TRY IT: Scan the material for the string "along" and copy out every line in which it occurs.

PROVIDED DATA:
○ ○ ○
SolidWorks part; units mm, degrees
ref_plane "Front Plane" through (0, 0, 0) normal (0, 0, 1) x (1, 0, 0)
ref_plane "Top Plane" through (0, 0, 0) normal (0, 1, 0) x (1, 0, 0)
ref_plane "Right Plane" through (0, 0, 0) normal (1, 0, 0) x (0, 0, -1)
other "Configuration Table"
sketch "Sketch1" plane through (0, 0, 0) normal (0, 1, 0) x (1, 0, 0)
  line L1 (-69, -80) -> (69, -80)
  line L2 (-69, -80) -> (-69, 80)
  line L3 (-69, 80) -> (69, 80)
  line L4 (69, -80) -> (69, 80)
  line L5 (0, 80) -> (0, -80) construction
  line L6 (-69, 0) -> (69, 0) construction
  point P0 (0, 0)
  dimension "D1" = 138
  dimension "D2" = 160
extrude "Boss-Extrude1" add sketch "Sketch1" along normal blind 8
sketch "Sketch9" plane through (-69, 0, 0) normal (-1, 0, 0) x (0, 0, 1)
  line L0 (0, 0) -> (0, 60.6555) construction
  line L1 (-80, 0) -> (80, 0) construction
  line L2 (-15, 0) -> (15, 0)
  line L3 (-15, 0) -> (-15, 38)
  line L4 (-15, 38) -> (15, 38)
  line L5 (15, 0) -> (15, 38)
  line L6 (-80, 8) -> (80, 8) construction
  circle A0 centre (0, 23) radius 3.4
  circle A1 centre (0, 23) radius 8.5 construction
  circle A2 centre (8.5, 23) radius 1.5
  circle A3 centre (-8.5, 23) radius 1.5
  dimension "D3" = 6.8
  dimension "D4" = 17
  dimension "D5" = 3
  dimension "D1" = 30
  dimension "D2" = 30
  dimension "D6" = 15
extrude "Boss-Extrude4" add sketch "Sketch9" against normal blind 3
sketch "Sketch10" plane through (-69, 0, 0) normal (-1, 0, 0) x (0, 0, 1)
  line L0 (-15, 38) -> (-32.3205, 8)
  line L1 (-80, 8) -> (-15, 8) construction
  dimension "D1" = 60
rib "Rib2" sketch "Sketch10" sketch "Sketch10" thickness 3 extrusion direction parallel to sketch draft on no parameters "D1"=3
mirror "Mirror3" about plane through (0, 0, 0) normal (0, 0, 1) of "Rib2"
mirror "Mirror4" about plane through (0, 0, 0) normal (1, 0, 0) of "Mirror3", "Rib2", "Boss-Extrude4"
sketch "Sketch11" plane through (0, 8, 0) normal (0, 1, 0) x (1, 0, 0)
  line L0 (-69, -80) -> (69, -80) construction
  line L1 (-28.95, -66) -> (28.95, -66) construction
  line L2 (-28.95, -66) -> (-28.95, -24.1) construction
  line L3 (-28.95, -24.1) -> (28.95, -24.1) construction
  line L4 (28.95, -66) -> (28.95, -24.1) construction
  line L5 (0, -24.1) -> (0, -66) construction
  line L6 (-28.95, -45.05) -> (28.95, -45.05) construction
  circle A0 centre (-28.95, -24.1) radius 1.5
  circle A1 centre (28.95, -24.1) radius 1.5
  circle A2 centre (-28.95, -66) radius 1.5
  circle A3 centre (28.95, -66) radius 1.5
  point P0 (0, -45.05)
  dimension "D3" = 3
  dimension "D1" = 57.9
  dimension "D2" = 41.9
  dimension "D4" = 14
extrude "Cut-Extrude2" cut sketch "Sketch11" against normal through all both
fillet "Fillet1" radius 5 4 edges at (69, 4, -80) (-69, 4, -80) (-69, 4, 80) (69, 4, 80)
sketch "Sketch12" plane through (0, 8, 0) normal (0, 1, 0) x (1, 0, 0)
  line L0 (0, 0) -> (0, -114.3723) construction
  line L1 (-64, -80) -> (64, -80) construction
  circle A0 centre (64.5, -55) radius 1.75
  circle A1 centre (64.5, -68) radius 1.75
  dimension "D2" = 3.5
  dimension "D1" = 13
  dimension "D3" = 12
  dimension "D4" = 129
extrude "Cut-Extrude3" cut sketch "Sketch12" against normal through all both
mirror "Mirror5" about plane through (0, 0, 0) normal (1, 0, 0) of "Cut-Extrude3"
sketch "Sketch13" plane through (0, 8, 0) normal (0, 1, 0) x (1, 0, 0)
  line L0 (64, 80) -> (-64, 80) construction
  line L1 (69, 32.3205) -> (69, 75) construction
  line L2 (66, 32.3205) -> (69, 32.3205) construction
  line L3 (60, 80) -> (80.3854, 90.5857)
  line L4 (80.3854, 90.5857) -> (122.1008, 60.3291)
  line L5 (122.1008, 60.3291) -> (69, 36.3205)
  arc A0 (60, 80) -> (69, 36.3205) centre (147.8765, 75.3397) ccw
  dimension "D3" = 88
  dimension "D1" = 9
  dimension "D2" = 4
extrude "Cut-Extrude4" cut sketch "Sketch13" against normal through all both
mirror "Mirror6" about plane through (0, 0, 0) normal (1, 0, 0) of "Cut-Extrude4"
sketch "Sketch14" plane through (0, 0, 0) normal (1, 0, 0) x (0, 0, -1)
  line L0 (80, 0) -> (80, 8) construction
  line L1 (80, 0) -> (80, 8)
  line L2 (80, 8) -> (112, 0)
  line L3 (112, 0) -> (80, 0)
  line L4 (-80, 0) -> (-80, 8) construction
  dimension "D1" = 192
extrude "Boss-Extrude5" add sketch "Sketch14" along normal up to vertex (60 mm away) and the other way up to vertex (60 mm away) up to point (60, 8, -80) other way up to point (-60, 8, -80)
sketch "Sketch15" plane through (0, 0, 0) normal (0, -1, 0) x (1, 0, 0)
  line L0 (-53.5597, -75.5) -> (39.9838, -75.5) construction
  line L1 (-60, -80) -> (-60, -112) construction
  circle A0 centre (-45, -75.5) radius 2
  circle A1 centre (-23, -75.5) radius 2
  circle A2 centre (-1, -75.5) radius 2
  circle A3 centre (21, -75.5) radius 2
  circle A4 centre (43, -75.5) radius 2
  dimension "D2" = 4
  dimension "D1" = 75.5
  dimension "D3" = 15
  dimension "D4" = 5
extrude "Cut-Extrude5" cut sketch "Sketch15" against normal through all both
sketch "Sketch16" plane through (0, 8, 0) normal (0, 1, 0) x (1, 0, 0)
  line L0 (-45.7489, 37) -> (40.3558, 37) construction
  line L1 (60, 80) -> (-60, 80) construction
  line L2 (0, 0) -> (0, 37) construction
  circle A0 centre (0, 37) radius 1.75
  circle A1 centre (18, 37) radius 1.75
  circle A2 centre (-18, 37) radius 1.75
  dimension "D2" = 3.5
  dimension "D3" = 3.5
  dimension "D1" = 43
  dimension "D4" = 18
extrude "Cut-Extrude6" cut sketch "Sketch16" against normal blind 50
○ ○ ○
ANSWER TO THIS TASK:
extrude "Boss-Extrude1" add sketch "Sketch1" along normal blind 8
extrude "Boss-Extrude5" add sketch "Sketch14" along normal up to vertex (60 mm away) and the other way up to vertex (60 mm away) up to point (60, 8, -80) other way up to point (-60, 8, -80)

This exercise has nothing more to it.